Items from a data source
────────────────

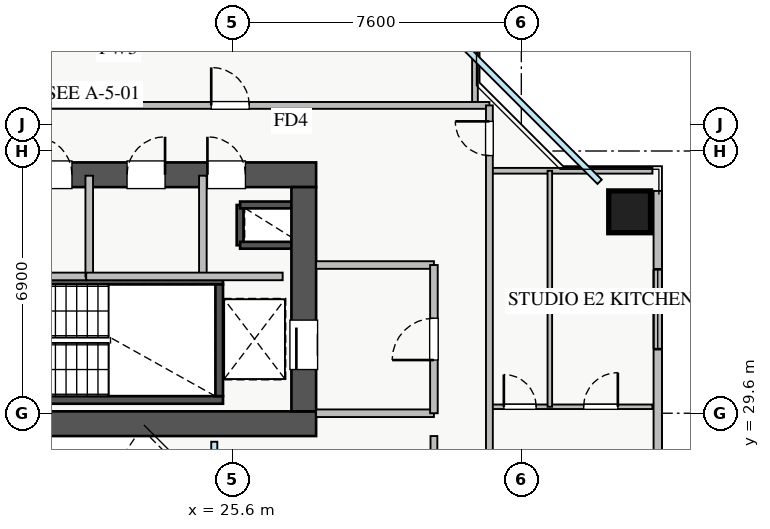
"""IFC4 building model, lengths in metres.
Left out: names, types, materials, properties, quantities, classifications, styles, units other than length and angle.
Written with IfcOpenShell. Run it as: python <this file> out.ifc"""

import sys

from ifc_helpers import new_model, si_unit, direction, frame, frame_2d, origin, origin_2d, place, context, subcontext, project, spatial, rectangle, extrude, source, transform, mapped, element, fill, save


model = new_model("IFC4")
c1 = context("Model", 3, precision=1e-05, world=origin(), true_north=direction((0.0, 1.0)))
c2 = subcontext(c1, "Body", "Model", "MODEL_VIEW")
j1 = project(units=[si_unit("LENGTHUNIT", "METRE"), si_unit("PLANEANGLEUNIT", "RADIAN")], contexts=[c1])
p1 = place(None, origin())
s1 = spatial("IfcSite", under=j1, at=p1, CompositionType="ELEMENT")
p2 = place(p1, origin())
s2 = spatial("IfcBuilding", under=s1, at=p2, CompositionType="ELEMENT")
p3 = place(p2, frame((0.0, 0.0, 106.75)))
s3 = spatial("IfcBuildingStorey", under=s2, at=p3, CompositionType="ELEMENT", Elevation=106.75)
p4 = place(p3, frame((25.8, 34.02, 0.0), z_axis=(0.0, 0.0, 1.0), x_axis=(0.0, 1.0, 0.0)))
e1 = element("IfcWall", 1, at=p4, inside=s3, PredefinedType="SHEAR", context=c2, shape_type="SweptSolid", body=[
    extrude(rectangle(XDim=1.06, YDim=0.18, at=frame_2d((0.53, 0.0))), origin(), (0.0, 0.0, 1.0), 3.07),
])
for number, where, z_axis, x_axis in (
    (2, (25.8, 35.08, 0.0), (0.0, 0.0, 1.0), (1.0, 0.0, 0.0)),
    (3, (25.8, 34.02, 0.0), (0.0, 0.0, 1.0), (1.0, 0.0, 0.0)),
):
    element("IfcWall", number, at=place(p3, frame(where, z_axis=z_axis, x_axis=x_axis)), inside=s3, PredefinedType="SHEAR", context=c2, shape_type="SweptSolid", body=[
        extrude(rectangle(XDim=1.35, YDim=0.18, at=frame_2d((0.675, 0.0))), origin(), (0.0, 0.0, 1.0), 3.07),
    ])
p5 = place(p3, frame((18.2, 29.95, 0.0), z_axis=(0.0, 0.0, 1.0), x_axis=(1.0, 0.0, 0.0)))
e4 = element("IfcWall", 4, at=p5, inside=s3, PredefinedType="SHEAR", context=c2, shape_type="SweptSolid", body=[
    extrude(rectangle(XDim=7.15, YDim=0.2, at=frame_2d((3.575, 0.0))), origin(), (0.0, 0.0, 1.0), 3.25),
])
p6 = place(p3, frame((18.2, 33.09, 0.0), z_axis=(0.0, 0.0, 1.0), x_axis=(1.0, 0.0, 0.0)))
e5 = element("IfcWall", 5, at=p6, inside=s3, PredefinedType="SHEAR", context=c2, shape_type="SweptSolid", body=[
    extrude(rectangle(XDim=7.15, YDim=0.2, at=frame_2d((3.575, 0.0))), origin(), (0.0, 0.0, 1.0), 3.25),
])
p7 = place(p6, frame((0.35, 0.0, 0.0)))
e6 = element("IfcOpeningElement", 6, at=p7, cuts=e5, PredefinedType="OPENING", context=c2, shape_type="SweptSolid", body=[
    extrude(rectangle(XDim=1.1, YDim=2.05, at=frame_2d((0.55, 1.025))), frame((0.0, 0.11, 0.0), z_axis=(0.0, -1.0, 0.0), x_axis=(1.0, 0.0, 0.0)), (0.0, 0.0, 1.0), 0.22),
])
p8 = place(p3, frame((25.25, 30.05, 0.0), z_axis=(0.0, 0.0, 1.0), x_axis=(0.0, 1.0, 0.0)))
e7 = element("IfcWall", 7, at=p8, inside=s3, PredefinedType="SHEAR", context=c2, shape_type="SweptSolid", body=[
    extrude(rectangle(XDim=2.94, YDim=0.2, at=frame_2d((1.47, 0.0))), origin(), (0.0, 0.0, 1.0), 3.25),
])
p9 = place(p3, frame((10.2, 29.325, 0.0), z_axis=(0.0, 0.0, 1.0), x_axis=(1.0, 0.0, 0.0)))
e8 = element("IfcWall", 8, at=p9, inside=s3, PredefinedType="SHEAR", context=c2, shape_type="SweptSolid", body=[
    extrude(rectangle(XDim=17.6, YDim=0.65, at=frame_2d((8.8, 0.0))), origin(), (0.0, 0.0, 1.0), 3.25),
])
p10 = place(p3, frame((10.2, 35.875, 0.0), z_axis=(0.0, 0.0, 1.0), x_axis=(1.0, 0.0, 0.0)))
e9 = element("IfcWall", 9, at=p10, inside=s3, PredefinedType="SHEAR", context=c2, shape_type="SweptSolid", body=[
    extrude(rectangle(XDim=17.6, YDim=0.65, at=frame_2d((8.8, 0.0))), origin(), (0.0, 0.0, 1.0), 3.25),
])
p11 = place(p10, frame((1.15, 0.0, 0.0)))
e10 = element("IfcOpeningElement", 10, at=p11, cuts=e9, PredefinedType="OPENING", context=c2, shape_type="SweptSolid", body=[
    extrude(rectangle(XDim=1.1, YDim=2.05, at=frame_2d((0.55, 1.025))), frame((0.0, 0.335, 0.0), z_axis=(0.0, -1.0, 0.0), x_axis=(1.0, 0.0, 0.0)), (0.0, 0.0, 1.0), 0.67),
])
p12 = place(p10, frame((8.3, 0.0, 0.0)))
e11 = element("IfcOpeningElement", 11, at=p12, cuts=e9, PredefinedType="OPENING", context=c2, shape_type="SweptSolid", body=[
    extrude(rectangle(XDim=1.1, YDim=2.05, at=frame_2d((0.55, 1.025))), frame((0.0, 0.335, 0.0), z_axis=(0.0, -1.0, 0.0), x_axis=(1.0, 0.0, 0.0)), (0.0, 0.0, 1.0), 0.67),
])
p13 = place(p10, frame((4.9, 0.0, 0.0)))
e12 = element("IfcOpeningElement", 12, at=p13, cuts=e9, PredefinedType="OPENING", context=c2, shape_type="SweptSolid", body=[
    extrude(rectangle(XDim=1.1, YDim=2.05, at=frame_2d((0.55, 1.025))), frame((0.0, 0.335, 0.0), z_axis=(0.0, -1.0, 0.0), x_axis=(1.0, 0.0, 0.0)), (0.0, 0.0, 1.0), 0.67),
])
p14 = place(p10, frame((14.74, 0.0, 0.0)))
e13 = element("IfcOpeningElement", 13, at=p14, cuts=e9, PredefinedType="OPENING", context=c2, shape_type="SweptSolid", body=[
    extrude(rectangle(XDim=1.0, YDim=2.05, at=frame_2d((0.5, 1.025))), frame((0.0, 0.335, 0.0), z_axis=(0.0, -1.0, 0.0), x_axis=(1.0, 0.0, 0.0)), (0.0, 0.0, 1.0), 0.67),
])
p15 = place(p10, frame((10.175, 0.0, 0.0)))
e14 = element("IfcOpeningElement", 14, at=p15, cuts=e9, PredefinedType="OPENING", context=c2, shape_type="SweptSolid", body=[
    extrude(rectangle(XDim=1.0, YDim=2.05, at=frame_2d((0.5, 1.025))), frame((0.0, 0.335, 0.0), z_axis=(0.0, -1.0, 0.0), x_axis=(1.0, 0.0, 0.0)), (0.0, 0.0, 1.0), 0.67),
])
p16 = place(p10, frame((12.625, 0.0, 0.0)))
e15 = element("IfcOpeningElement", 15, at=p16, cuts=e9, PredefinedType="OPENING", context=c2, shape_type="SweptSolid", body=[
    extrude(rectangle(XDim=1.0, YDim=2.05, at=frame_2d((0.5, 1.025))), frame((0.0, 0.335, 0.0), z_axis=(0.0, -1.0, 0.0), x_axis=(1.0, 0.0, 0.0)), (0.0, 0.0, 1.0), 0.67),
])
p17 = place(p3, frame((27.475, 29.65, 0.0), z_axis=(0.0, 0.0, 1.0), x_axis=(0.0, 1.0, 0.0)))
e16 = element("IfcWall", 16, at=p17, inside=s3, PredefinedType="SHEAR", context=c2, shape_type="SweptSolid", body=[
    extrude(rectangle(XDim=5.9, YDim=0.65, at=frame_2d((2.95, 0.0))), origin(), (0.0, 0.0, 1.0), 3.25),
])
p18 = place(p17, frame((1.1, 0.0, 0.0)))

────────────────

▸ PROBLEM TO WORK ON:
The entries above hold the needed span. Transcribe exactly the lines from the one with "29.95, 0.0), z_axis=(0.0, 0.0, 1.0), x_axis=(1.0, 0.0, 0.0)))" to the one with "p7 = place(p6, frame((0.35, 0.0, 0.0)))", both included.

▸ RESPONSE TO THIS TASK:
p5 = place(p3, frame((18.2, 29.95, 0.0), z_axis=(0.0, 0.0, 1.0), x_axis=(1.0, 0.0, 0.0)))
e4 = element("IfcWall", 4, at=p5, inside=s3, PredefinedType="SHEAR", context=c2, shape_type="SweptSolid", body=[
    extrude(rectangle(XDim=7.15, YDim=0.2, at=frame_2d((3.575, 0.0))), origin(), (0.0, 0.0, 1.0), 3.25),
])
p6 = place(p3, frame((18.2, 33.09, 0.0), z_axis=(0.0, 0.0, 1.0), x_axis=(1.0, 0.0, 0.0)))
e5 = element("IfcWall", 5, at=p6, inside=s3, PredefinedType="SHEAR", context=c2, shape_type="SweptSolid", body=[
    extrude(rectangle(XDim=7.15, YDim=0.2, at=frame_2d((3.575, 0.0))), origin(), (0.0, 0.0, 1.0), 3.25),
])
p7 = place(p6, frame((0.35, 0.0, 0.0)))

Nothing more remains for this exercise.